Write out the records below from the first line through the line containing "for name, color, linetype, lineweight", leaving out any pictures.

BEGIN

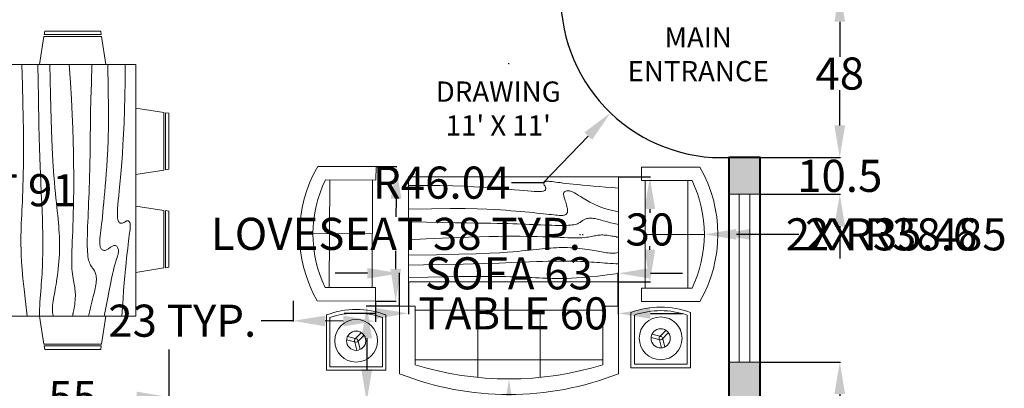
# Model space of a CAD drawing. Units: inches. Extents: x -51 to 563, y -59 to 453.
# Tile 5 of 6: x 211 to 492, y 134 to 240. Entities that reach past the tile are written whole.
import ezdxf

# ---------------------------------------------------------------- set-up
doc = ezdxf.new("R2010")
doc.units = ezdxf.units.IN
doc.header["$MEASUREMENT"] = 0
for name, color, linetype, lineweight in [('A-ANNO-DIMS', 2, 'Continuous', 18), ('A-AREA-IDEN', 7, 'Continuous', 25), ('A-DOOR', 3, 'Continuous', 25), ('A-FURN', 8, 'Continuous', 18), ('A-GLAZ', 4, 'Continuous', 18), ('A-WALL', 7, 'Continuous', 40), ('A-WALL-PATT', 252, 'Continuous', 13)]:
    doc.layers.add(name, color=color, linetype=linetype, lineweight=lineweight)
doc.styles.get("Standard").update_dxf_attribs({"font": 'arial.ttf'})
doc.dimstyles.get("Standard").update_dxf_attribs({"dimtxt": 9.18, "dimasz": 9.18, "dimexe": 0.18, "dimexo": 0.0625, "dimgap": 0.09, "dimtad": 0, "dimtih": 1, "dimtoh": 1, "dimdec": 1, "dimzin": 0, "dimdsep": 46, "dimlunit": 3, "dimtxsty": 'Standard', "dimcen": 0.09, "dimadec": 0, "dimazin": 0, "dimtfac": 1, "dimtdec": 1, "dimtofl": 0, "dimtmove": 0, "dimatfit": 3, "dimfxl": 1, "dimtolj": 1, "dimtzin": 0, "dimarcsym": 0})

# ---------------------------------------------------------------- blocks, each defined once
blk = doc.blocks.new('Dining Set - 36 x 72 in.')
for p, q in [((-22.2343, 26.00059), (-23.4847, 17.99762)), ((-22.2304, 26), (-5.7608, 26)), ((-22, 27.5), (-22.1562, 26.50042)), ((-5.8416, 26.5), (-22.1534, 26.5)), ((-22, 27.5), (-6, 27.5)), ((-5.8437, 26.49966), (-6, 27.5)), ((-4.5152, 17.99762), (-5.7655, 25.99926)), ((5.7657, 26.00059), (4.5153, 17.99762)), ((5.7696, 26), (22.2392, 26)), ((6, 27.5), (5.8438, 26.50042)), ((22.1584, 26.5), (5.8466, 26.5)), ((6, 27.5), (22, 27.5)), ((22.1563, 26.49966), (22, 27.5)), ((23.4848, 17.99762), (22.2345, 25.99926)), ((36, 18), (-36, 18)), ((-36, 18), (-36, -18)), ((36, -18), (36, 18)), ((-44.0006, 8.23428), (-35.9976, 9.48474)), ((44.0006, 8.23428), (35.9976, 9.48474)), ((-45.5, 8), (-44.5004, 8.15617)), ((-45.5, 8), (-45.5, -8)), ((-44.5, -8.15843), (-44.5, 8.15338)), ((-44, 8.23041), (-44, -8.23915)), ((44, 8.23041), (44, -8.23915)), ((44.5, -8.15843), (44.5, 8.15338)), ((45.5, 8), (44.5005, 8.15617)), ((45.5, 8), (45.5, -8)), ((-44.4997, -8.15631), (-45.5, -8)), ((-35.9976, -9.48476), (-43.9993, -8.2345)), ((35.9976, -9.48476), (43.9993, -8.2345)), ((44.4997, -8.15631), (45.5, -8)), ((-36, -18), (36, -18)), ((-22.2343, -26.0006), (-23.4847, -17.99762)), ((-4.5152, -17.99762), (-5.7655, -25.99928)), ((5.7657, -26.0006), (4.5153, -17.99762)), ((23.4848, -17.99762), (22.2345, -25.99928)), ((-22.2304, -26), (-5.7608, -26)), ((-22, -27.5), (-22.1562, -26.50044)), ((-5.8416, -26.5), (-22.1534, -26.5)), ((-22, -27.5), (-6, -27.5)), ((-5.8437, -26.49967), (-6, -27.5)), ((5.7696, -26), (22.2392, -26)), ((6, -27.5), (5.8438, -26.50044)), ((22.1584, -26.5), (5.8466, -26.5)), ((6, -27.5), (22, -27.5)), ((22.1563, -26.49967), (22, -27.5))]:
    blk.add_line(p, q)
for points in [[(-36, 15), (-31.1772, 14.97754), (-26.8079, 14.91406), (-22.8538, 14.81543), (-19.276, 14.6875), (-16.0362, 14.53613), (-13.0957, 14.36718), (-10.4159, 14.18652), (-7.9583, 14), (-5.6904, 13.81315), (-3.6035, 13.63021), (-1.6954, 13.45508), (0.0365, 13.29166), (1.5945, 13.14388), (2.9811, 13.01562), (4.1988, 12.9108), (5.25, 12.83333), (6.1393, 12.78613), (6.8802, 12.76823), (7.4883, 12.77767), (7.9792, 12.8125), (8.3685, 12.87077), (8.6719, 12.95052), (8.9049, 13.0498), (9.0833, 13.16666), (9.2205, 13.29899), (9.3216, 13.44401), (9.3895, 13.59879), (9.4271, 13.76041), (9.4373, 13.92594), (9.4232, 14.09245), (9.3875, 14.257), (9.3333, 14.41666), (9.2638, 14.56917), (9.1836, 14.71484), (9.0975, 14.85465), (9.0104, 14.98958), (8.9272, 15.1206), (8.8529, 15.2487), (8.7922, 15.37483), (8.75, 15.5), (8.7305, 15.62467), (8.7344, 15.74739), (8.7617, 15.86621), (8.8125, 15.97916), (8.8867, 16.08431), (8.9844, 16.17968), (9.1055, 16.26334), (9.25, 16.33333), (9.4189, 16.38802), (9.6172, 16.42708), (9.8506, 16.45052), (10.125, 16.45833), (10.4463, 16.45052), (10.8203, 16.42708), (11.2529, 16.38802), (11.75, 16.33333), (12.3184, 16.26318), (12.9694, 16.17838), (13.7151, 16.07991), (14.5677, 15.96875), (15.5395, 15.84586), (16.6426, 15.71224), (17.8893, 15.56884), (19.2917, 15.41666), (20.859, 15.25667), (22.5879, 15.08984), (24.4721, 14.91715), (26.5052, 14.73958), (28.6809, 14.5581), (30.9929, 14.3737), (33.4347, 14.18733), (36, 14)], [(-36, 10), (-28.9766, 10.14274), (-23.1725, 10.20442), (-18.4241, 10.19775), (-14.5677, 10.13541), (-11.4399, 10.03011), (-8.877, 9.89453), (-6.7154, 9.74137), (-4.7917, 9.58333), (-2.9698, 9.43082), (-1.2246, 9.28515), (0.4415, 9.14534), (2.026, 9.01041), (3.5266, 8.87939), (4.9408, 8.7513), (6.266, 8.62516), (7.5, 8.5), (8.6411, 8.37549), (9.6914, 8.2539), (10.6538, 8.13818), (11.5312, 8.03125), (12.3267, 7.93603), (13.043, 7.85547), (13.6831, 7.79248), (14.25, 7.75), (14.7471, 7.7303), (15.1797, 7.73307), (15.5537, 7.75732), (15.875, 7.80208), (16.1494, 7.86637), (16.3828, 7.94922), (16.5811, 8.04964), (16.75, 8.16666), (16.8944, 8.29915), (17.0143, 8.44531), (17.1089, 8.60319), (17.1771, 8.77083), (17.218, 8.94629), (17.2305, 9.1276), (17.2137, 9.31282), (17.1667, 9.5), (17.0895, 9.6875), (16.987, 9.875), (16.8649, 10.0625), (16.7292, 10.25), (16.5856, 10.4375), (16.4401, 10.625), (16.2985, 10.8125), (16.1667, 11), (16.05, 11.18733), (15.9518, 11.3737), (15.8752, 11.5581), (15.8229, 11.73958), (15.798, 11.91715), (15.8034, 12.08984), (15.842, 12.25667), (15.9167, 12.41666), (16.0295, 12.56836), (16.1784, 12.70833), (16.3605, 12.83268), (16.5729, 12.9375), (16.8127, 13.01888), (17.0768, 13.07291), (17.3625, 13.0957), (17.6667, 13.08333), (17.9894, 13.03312), (18.3418, 12.94726), (18.7382, 12.82918), (19.1927, 12.68229), (19.7195, 12.51001), (20.3327, 12.31575), (21.0465, 12.10294), (21.875, 11.875), (22.8357, 11.63354), (23.959, 11.37304), (25.2786, 11.08618), (26.8282, 10.76562), (28.6414, 10.40405), (30.752, 9.99414), (33.1936, 9.52856), (36, 9)], [(-36, 5.5), (-30.7157, 5.3348), (-26.069, 5.20963), (-21.9946, 5.11767), (-18.4271, 5.05208), (-15.3009, 5.00602), (-12.5508, 4.97265), (-10.1112, 4.94515), (-7.9167, 4.91666), (-5.909, 4.88167), (-4.0586, 4.83984), (-2.3429, 4.79215), (-0.7396, 4.73958), (0.7739, 4.6831), (2.22, 4.6237), (3.6213, 4.56233), (5, 4.5), (6.373, 4.43782), (7.7344, 4.3776), (9.0723, 4.32129), (10.375, 4.27083), (11.6309, 4.22819), (12.8281, 4.19531), (13.9551, 4.17415), (15, 4.16666), (15.954, 4.17448), (16.819, 4.19791), (17.6001, 4.23698), (18.3021, 4.29166), (18.9299, 4.36198), (19.4883, 4.44791), (19.9823, 4.54948), (20.4167, 4.66666), (20.7969, 4.79899), (21.1302, 4.94401), (21.4245, 5.09879), (21.6875, 5.26041), (21.9271, 5.42594), (22.1511, 5.59245), (22.3672, 5.757), (22.5834, 5.91666), (22.8065, 6.06868), (23.0404, 6.21093), (23.2879, 6.34147), (23.5521, 6.45833), (23.8358, 6.55957), (24.142, 6.64323), (24.4735, 6.70735), (24.8334, 6.75), (25.2235, 6.76969), (25.642, 6.76692), (26.0858, 6.74267), (26.5521, 6.69791), (27.0379, 6.63362), (27.5404, 6.55078), (28.0565, 6.45036), (28.5834, 6.33333), (29.1242, 6.19987), (29.7071, 6.04687), (30.3661, 5.87044), (31.1354, 5.66666), (32.0493, 5.43164), (33.142, 5.16146), (34.4475, 4.85221), (36, 4.5)], [(-36, -1), (-30.7915, -0.6591), (-26.0195, -0.38216), (-21.6519, -0.16284), (-17.6563, 0.00521), (-14.0005, 0.12833), (-10.6523, 0.21289), (-7.5796, 0.26522), (-4.75, 0.29166), (-2.134, 0.29793), (0.2878, 0.28711), (2.5317, 0.26163), (4.6146, 0.22396), (6.5529, 0.17651), (8.3633, 0.12174), (10.0623, 0.06209), (11.6667, 0), (13.1899, -0.06201), (14.6341, -0.1211), (15.9982, -0.17432), (17.2813, -0.21875), (18.4823, -0.25147), (19.6003, -0.26953), (20.6343, -0.27002), (21.5834, -0.25), (22.4481, -0.20768), (23.2357, -0.14584), (23.9549, -0.06836), (24.6146, 0.02083), (25.2235, 0.11784), (25.7904, 0.21875), (26.3241, 0.31966), (26.8334, 0.41666), (27.3265, 0.50618), (27.8099, 0.58593), (28.2894, 0.65397), (28.7709, 0.70833), (29.2601, 0.74707), (29.763, 0.76823), (30.2855, 0.76985), (30.8334, 0.75), (31.4088, 0.70784), (31.9994, 0.64713), (32.589, 0.57275), (33.1615, 0.48958), (33.7008, 0.4025), (34.1908, 0.3164), (34.6153, 0.23616), (34.9584, 0.16666), (35.2099, 0.11165), (35.3848, 0.07031), (35.504, 0.04069), (35.5886, 0.02083), (35.6594, 0.00879), (35.7377, 0.0026), (35.8442, 0.00032), (36, 0)], [(-36, -6.5), (-27.1843, -6.31267), (-20.084, -6.1263), (-14.469, -5.9419), (-10.1094, -5.76042), (-6.7752, -5.58285), (-4.2363, -5.41016), (-2.2629, -5.24333), (-0.625, -5.08334), (0.8708, -4.93099), (2.2715, -4.78646), (3.5872, -4.64974), (4.8281, -4.52084), (6.0046, -4.39974), (7.127, -4.28646), (8.2053, -4.18099), (9.25, -4.08334), (10.2705, -3.99382), (11.2734, -3.91407), (12.2647, -3.84603), (13.25, -3.79167), (14.2354, -3.75293), (15.2266, -3.73177), (16.2295, -3.73015), (17.25, -3.75), (18.2912, -3.79248), (19.3451, -3.85547), (20.4009, -3.93604), (21.4479, -4.03125), (22.4754, -4.13819), (23.4727, -4.25391), (24.4289, -4.37549), (25.3334, -4.5), (26.1785, -4.62492), (26.9694, -4.74935), (27.7145, -4.87281), (28.4219, -4.99479), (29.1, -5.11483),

END

## Problem solution
# Model space of a CAD drawing. Units: inches. Extents: x -51 to 563, y -59 to 453.
# Tile 5 of 6: x 211 to 492, y 134 to 240. Entities that reach past the tile are written whole.
import ezdxf

# ---------------------------------------------------------------- set-up
doc = ezdxf.new("R2010")
doc.units = ezdxf.units.IN
doc.header["$MEASUREMENT"] = 0
for name, color, linetype, lineweight in [('A-ANNO-DIMS', 2, 'Continuous', 18), ('A-AREA-IDEN', 7, 'Continuous', 25), ('A-DOOR', 3, 'Continuous', 25), ('A-FURN', 8, 'Continuous', 18), ('A-GLAZ', 4, 'Continuous', 18), ('A-WALL', 7, 'Continuous', 40), ('A-WALL-PATT', 252, 'Continuous', 13)]:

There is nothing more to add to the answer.